• _BRIEF_
Starting at the line that holds "#134=ORIENTED_EDGE('',*,*,#133,.T.);" and stopping at the line that holds "#169=CARTESIAN_POINT('',(1339.,-218.383340700178,335.));", restate the records below word for word, with both of those lines included.

Collection entries

************

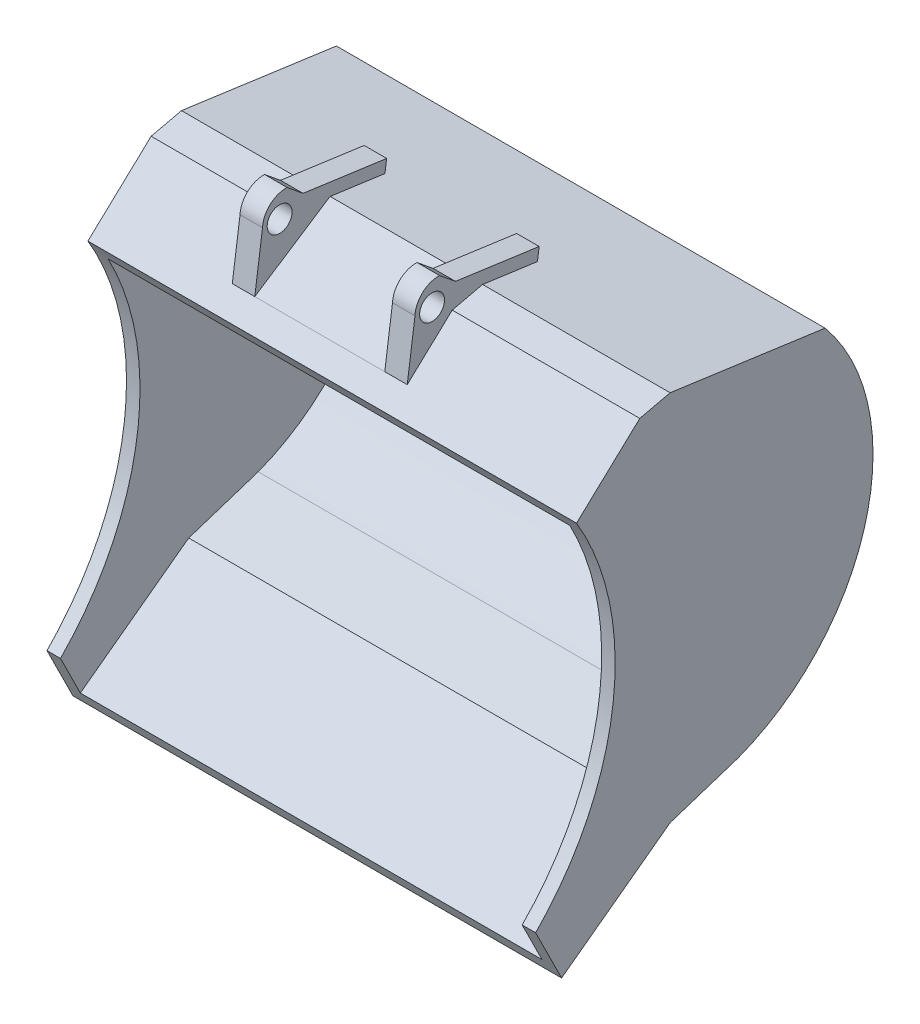
ISO-10303-21;
HEADER;
FILE_DESCRIPTION(('STEP AP214'),'2;1');
FILE_NAME('part.step','',(''),(''),'','','');
FILE_SCHEMA(('AUTOMOTIVE_DESIGN { 1 0 10303 214 1 1 1 1 }'));
ENDSEC;
DATA;
#1=APPLICATION_CONTEXT('core data for automotive mechanical design processes');
#2=APPLICATION_PROTOCOL_DEFINITION('international standard','automotive_design',2000,#1);
#3=PRODUCT_CONTEXT('',#1,'mechanical');
#4=PRODUCT('Part','Part','',(#3));
#5=PRODUCT_RELATED_PRODUCT_CATEGORY('part','',(#4));
#6=PRODUCT_DEFINITION_FORMATION('','',#4);
#7=PRODUCT_DEFINITION_CONTEXT('part definition',#1,'design');
#8=PRODUCT_DEFINITION('design','',#6,#7);
#9=PRODUCT_DEFINITION_SHAPE('','',#8);
#10=(LENGTH_UNIT() NAMED_UNIT(*) SI_UNIT(.MILLI.,.METRE.));
#11=(NAMED_UNIT(*) PLANE_ANGLE_UNIT() SI_UNIT($,.RADIAN.));
#12=(NAMED_UNIT(*) SI_UNIT($,.STERADIAN.) SOLID_ANGLE_UNIT());
#13=UNCERTAINTY_MEASURE_WITH_UNIT(LENGTH_MEASURE(1.E-05),#10,'distance_accuracy_value','');
#14=(GEOMETRIC_REPRESENTATION_CONTEXT(3) GLOBAL_UNCERTAINTY_ASSIGNED_CONTEXT((#13)) GLOBAL_UNIT_ASSIGNED_CONTEXT((#10,
#11,#12)) REPRESENTATION_CONTEXT('',''));
#15=CARTESIAN_POINT('',(0.,0.,0.));
#16=DIRECTION('',(0.,0.,1.));
#17=DIRECTION('',(1.,0.,0.));
#18=AXIS2_PLACEMENT_3D('',#15,#16,#17);
#19=CARTESIAN_POINT('',(1339.,-33.8678557689492,-244.));
#20=DIRECTION('',(0.,0.137484603920545,0.990503903922045));
#21=DIRECTION('',(0.,-0.990503903922045,0.137484603920545));
#22=AXIS2_PLACEMENT_3D('',#19,#20,#21);
#23=PLANE('',#22);
#24=DIRECTION('',(0.,0.990503903922045,-0.137484603920545));
#25=VECTOR('',#24,1.);
#26=CARTESIAN_POINT('',(1239.,-33.8678557689492,-244.));
#27=LINE('',#26,#25);
#28=CARTESIAN_POINT('',(1239.,-33.8678557689492,-244.));
#29=VERTEX_POINT('',#28);
#30=CARTESIAN_POINT('',(1239.,20.6098589467632,-251.56165321563));
#31=VERTEX_POINT('',#30);
#32=EDGE_CURVE('E476',#29,#31,#27,.T.);
#33=ORIENTED_EDGE('',*,*,#32,.T.);
#34=DIRECTION('',(-1.,0.,0.));
#35=VECTOR('',#34,1.);
#36=CARTESIAN_POINT('',(1339.,20.6098589467632,-251.56165321563));
#37=LINE('',#36,#35);
#38=CARTESIAN_POINT('',(1339.,20.6098589467632,-251.56165321563));
#39=VERTEX_POINT('',#38);
#40=EDGE_CURVE('E263',#39,#31,#37,.T.);
#41=ORIENTED_EDGE('',*,*,#40,.F.);
#42=DIRECTION('',(0.,0.990503903922045,-0.137484603920545));
#43=VECTOR('',#42,1.);
#44=CARTESIAN_POINT('',(1339.,-33.8678557689492,-244.));
#45=LINE('',#44,#43);
#46=CARTESIAN_POINT('',(1339.,-33.8678557689492,-244.));
#47=VERTEX_POINT('',#46);
#48=EDGE_CURVE('E501',#47,#39,#45,.T.);
#49=ORIENTED_EDGE('',*,*,#48,.F.);
#50=DIRECTION('',(-1.,0.,0.));
#51=VECTOR('',#50,1.);
#52=CARTESIAN_POINT('',(1339.,-33.8678557689492,-244.));
#53=LINE('',#52,#51);
#54=EDGE_CURVE('E265',#47,#29,#53,.T.);
#55=ORIENTED_EDGE('',*,*,#54,.T.);
#56=EDGE_LOOP('',(#33,#41,#49,#55));
#57=FACE_BOUND('',#56,.T.);
#58=ADVANCED_FACE('F39',(#57),#23,.F.);
#59=CARTESIAN_POINT('',(1339.,20.6098589467632,-251.56165321563));
#60=DIRECTION('',(0.,-0.990503903922045,0.137484603920544));
#61=DIRECTION('',(0.,-0.137484603920544,-0.990503903922045));
#62=AXIS2_PLACEMENT_3D('',#59,#60,#61);
#63=PLANE('',#62);
#64=DIRECTION('',(0.,0.137484603920544,0.990503903922045));
#65=VECTOR('',#64,1.);
#66=CARTESIAN_POINT('',(1239.,20.6098589467632,-251.56165321563));
#67=LINE('',#66,#65);
#68=CARTESIAN_POINT('',(1239.,72.2449516412021,120.441897980372));
#69=VERTEX_POINT('',#68);
#70=EDGE_CURVE('E485',#31,#69,#67,.T.);
#71=ORIENTED_EDGE('',*,*,#70,.T.);
#72=DIRECTION('',(-1.,0.,0.));
#73=VECTOR('',#72,1.);
#74=CARTESIAN_POINT('',(1339.,72.2449516412021,120.441897980372));
#75=LINE('',#74,#73);
#76=CARTESIAN_POINT('',(1339.,72.2449516412021,120.441897980372));
#77=VERTEX_POINT('',#76);
#78=EDGE_CURVE('E443',#77,#69,#75,.T.);
#79=ORIENTED_EDGE('',*,*,#78,.F.);
#80=DIRECTION('',(0.,0.137484603920544,0.990503903922045));
#81=VECTOR('',#80,1.);
#82=CARTESIAN_POINT('',(1339.,20.6098589467632,-251.56165321563));
#83=LINE('',#82,#81);
#84=EDGE_CURVE('E502',#39,#77,#83,.T.);
#85=ORIENTED_EDGE('',*,*,#84,.F.);
#86=ORIENTED_EDGE('',*,*,#40,.T.);
#87=EDGE_LOOP('',(#71,#79,#85,#86));
#88=FACE_BOUND('',#87,.T.);
#89=ADVANCED_FACE('F526',(#88),#63,.F.);
#90=CARTESIAN_POINT('',(1339.,72.2449516412021,120.441897980372));
#91=DIRECTION('',(0.,-0.774121532528882,0.633037007508356));
#92=DIRECTION('',(0.,-0.633037007508356,-0.774121532528882));
#93=AXIS2_PLACEMENT_3D('',#90,#91,#92);
#94=PLANE('',#93);
#95=DIRECTION('',(0.,0.633037007508356,0.774121532528882));
#96=VECTOR('',#95,1.);
#97=CARTESIAN_POINT('',(1239.,72.2449516412021,120.441897980372));
#98=LINE('',#97,#96);
#99=CARTESIAN_POINT('',(1239.,130.129855607766,191.227570914813));
#100=VERTEX_POINT('',#99);
#101=EDGE_CURVE('E484',#69,#100,#98,.T.);
#102=ORIENTED_EDGE('',*,*,#101,.T.);
#103=DIRECTION('',(-1.,0.,0.));
#104=VECTOR('',#103,1.);
#105=CARTESIAN_POINT('',(1339.,130.129855607766,191.227570914813));
#106=LINE('',#105,#104);
#107=CARTESIAN_POINT('',(1339.,130.129855607766,191.227570914813));
#108=VERTEX_POINT('',#107);
#109=EDGE_CURVE('E445',#108,#100,#106,.T.);
#110=ORIENTED_EDGE('',*,*,#109,.F.);
#111=DIRECTION('',(0.,0.633037007508356,0.774121532528882));
#112=VECTOR('',#111,1.);
#113=CARTESIAN_POINT('',(1339.,72.2449516412021,120.441897980372));
#114=LINE('',#113,#112);
#115=EDGE_CURVE('E504',#77,#108,#114,.T.);
#116=ORIENTED_EDGE('',*,*,#115,.F.);
#117=ORIENTED_EDGE('',*,*,#78,.T.);
#118=EDGE_LOOP('',(#102,#110,#116,#117));
#119=FACE_BOUND('',#118,.T.);
#120=ADVANCED_FACE('F529',(#119),#94,.F.);
#121=CARTESIAN_POINT('',(1339.,24.8813249585359,195.369514441472));
#122=DIRECTION('',(-1.,0.,0.));
#123=DIRECTION('',(0.,0.,1.));
#124=AXIS2_PLACEMENT_3D('',#121,#122,#123);
#125=CYLINDRICAL_SURFACE('',#124,105.33);
#126=CARTESIAN_POINT('',(1239.,24.8813249585359,195.369514441472));
#127=DIRECTION('',(1.,0.,0.));
#128=DIRECTION('',(0.,0.,1.));
#129=AXIS2_PLACEMENT_3D('',#126,#127,#128);
#130=CIRCLE('',#129,105.33);
#131=CARTESIAN_POINT('',(1239.,29.4466592998224,300.600529937628));
#132=VERTEX_POINT('',#131);
#133=EDGE_CURVE('E490',#100,#132,#130,.T.);
#134=ORIENTED_EDGE('',*,*,#133,.T.);
#135=DIRECTION('',(-1.,0.,0.));
#136=VECTOR('',#135,1.);
#137=CARTESIAN_POINT('',(1339.,29.4466592998224,300.600529937628));
#138=LINE('',#137,#136);
#139=CARTESIAN_POINT('',(1339.,29.4466592998224,300.600529937628));
#140=VERTEX_POINT('',#139);
#141=EDGE_CURVE('E437',#140,#132,#138,.T.);
#142=ORIENTED_EDGE('',*,*,#141,.F.);
#143=CARTESIAN_POINT('',(1339.,24.8813249585359,195.369514441472));
#144=DIRECTION('',(1.,0.,0.));
#145=DIRECTION('',(0.,0.,1.));
#146=AXIS2_PLACEMENT_3D('',#143,#144,#145);
#147=CIRCLE('',#146,105.33);
#148=EDGE_CURVE('E508',#108,#140,#147,.T.);
#149=ORIENTED_EDGE('',*,*,#148,.F.);
#150=ORIENTED_EDGE('',*,*,#109,.T.);
#151=EDGE_LOOP('',(#134,#142,#149,#150));
#152=FACE_BOUND('',#151,.T.);
#153=ADVANCED_FACE('F535',(#152),#125,.T.);
#154=CARTESIAN_POINT('',(1339.,-218.383340700178,335.));
#155=DIRECTION('',(0.,-0.137484603920545,-0.990503903922045));
#156=DIRECTION('',(0.,0.990503903922045,-0.137484603920545));
#157=AXIS2_PLACEMENT_3D('',#154,#155,#156);
#158=PLANE('',#157);
#159=DIRECTION('',(0.,-0.990503903922044,0.137484603920545));
#160=VECTOR('',#159,1.);
#161=CARTESIAN_POINT('',(1239.,-218.383340700178,335.));
#162=LINE('',#161,#160);
#163=CARTESIAN_POINT('',(1239.,-218.383340700178,335.));
#164=VERTEX_POINT('',#163);
#165=EDGE_CURVE('E489',#132,#164,#162,.T.);
#166=ORIENTED_EDGE('',*,*,#165,.T.);
#167=DIRECTION('',(-1.,0.,0.));
#168=VECTOR('',#167,1.);
#169=CARTESIAN_POINT('',(1339.,-218.383340700178,335.));
#170=LINE('',#169,#168);
#171=CARTESIAN_POINT('',(1339.,-218.383340700178,335.));
#172=VERTEX_POINT('',#171);
#173=EDGE_CURVE('E432',#172,#164,#170,.T.);
#174=ORIENTED_EDGE('',*,*,#173,.F.);
#175=DIRECTION('',(0.,-0.990503903922044,0.137484603920545));
#176=VECTOR('',#175,1.);
#177=CARTESIAN_POINT('',(1339.,-218.383340700178,335.));
#178=LINE('',#177,#176);
#179=EDGE_CURVE('E419',#140,#172,#178,.T.);
#180=ORIENTED_EDGE('',*,*,#179,.F.);
#181=ORIENTED_EDGE('',*,*,#141,.T.);
#182=EDGE_LOOP('',(#166,#174,#180,#181));
#183=FACE_BOUND('',#182,.T.);
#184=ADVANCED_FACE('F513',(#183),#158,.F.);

************

• _RESPONSE_
#134=ORIENTED_EDGE('',*,*,#133,.T.);
#135=DIRECTION('',(-1.,0.,0.));
#136=VECTOR('',#135,1.);
#137=CARTESIAN_POINT('',(1339.,29.4466592998224,300.600529937628));
#138=LINE('',#137,#136);
#139=CARTESIAN_POINT('',(1339.,29.4466592998224,300.600529937628));
#140=VERTEX_POINT('',#139);
#141=EDGE_CURVE('E437',#140,#132,#138,.T.);
#142=ORIENTED_EDGE('',*,*,#141,.F.);
#143=CARTESIAN_POINT('',(1339.,24.8813249585359,195.369514441472));
#144=DIRECTION('',(1.,0.,0.));
#145=DIRECTION('',(0.,0.,1.));
#146=AXIS2_PLACEMENT_3D('',#143,#144,#145);
#147=CIRCLE('',#146,105.33);
#148=EDGE_CURVE('E508',#108,#140,#147,.T.);
#149=ORIENTED_EDGE('',*,*,#148,.F.);
#150=ORIENTED_EDGE('',*,*,#109,.T.);
#151=EDGE_LOOP('',(#134,#142,#149,#150));
#152=FACE_BOUND('',#151,.T.);
#153=ADVANCED_FACE('F535',(#152),#125,.T.);
#154=CARTESIAN_POINT('',(1339.,-218.383340700178,335.));
#155=DIRECTION('',(0.,-0.137484603920545,-0.990503903922045));
#156=DIRECTION('',(0.,0.990503903922045,-0.137484603920545));
#157=AXIS2_PLACEMENT_3D('',#154,#155,#156);
#158=PLANE('',#157);
#159=DIRECTION('',(0.,-0.990503903922044,0.137484603920545));
#160=VECTOR('',#159,1.);
#161=CARTESIAN_POINT('',(1239.,-218.383340700178,335.));
#162=LINE('',#161,#160);
#163=CARTESIAN_POINT('',(1239.,-218.383340700178,335.));
#164=VERTEX_POINT('',#163);
#165=EDGE_CURVE('E489',#132,#164,#162,.T.);
#166=ORIENTED_EDGE('',*,*,#165,.T.);
#167=DIRECTION('',(-1.,0.,0.));
#168=VECTOR('',#167,1.);
#169=CARTESIAN_POINT('',(1339.,-218.383340700178,335.));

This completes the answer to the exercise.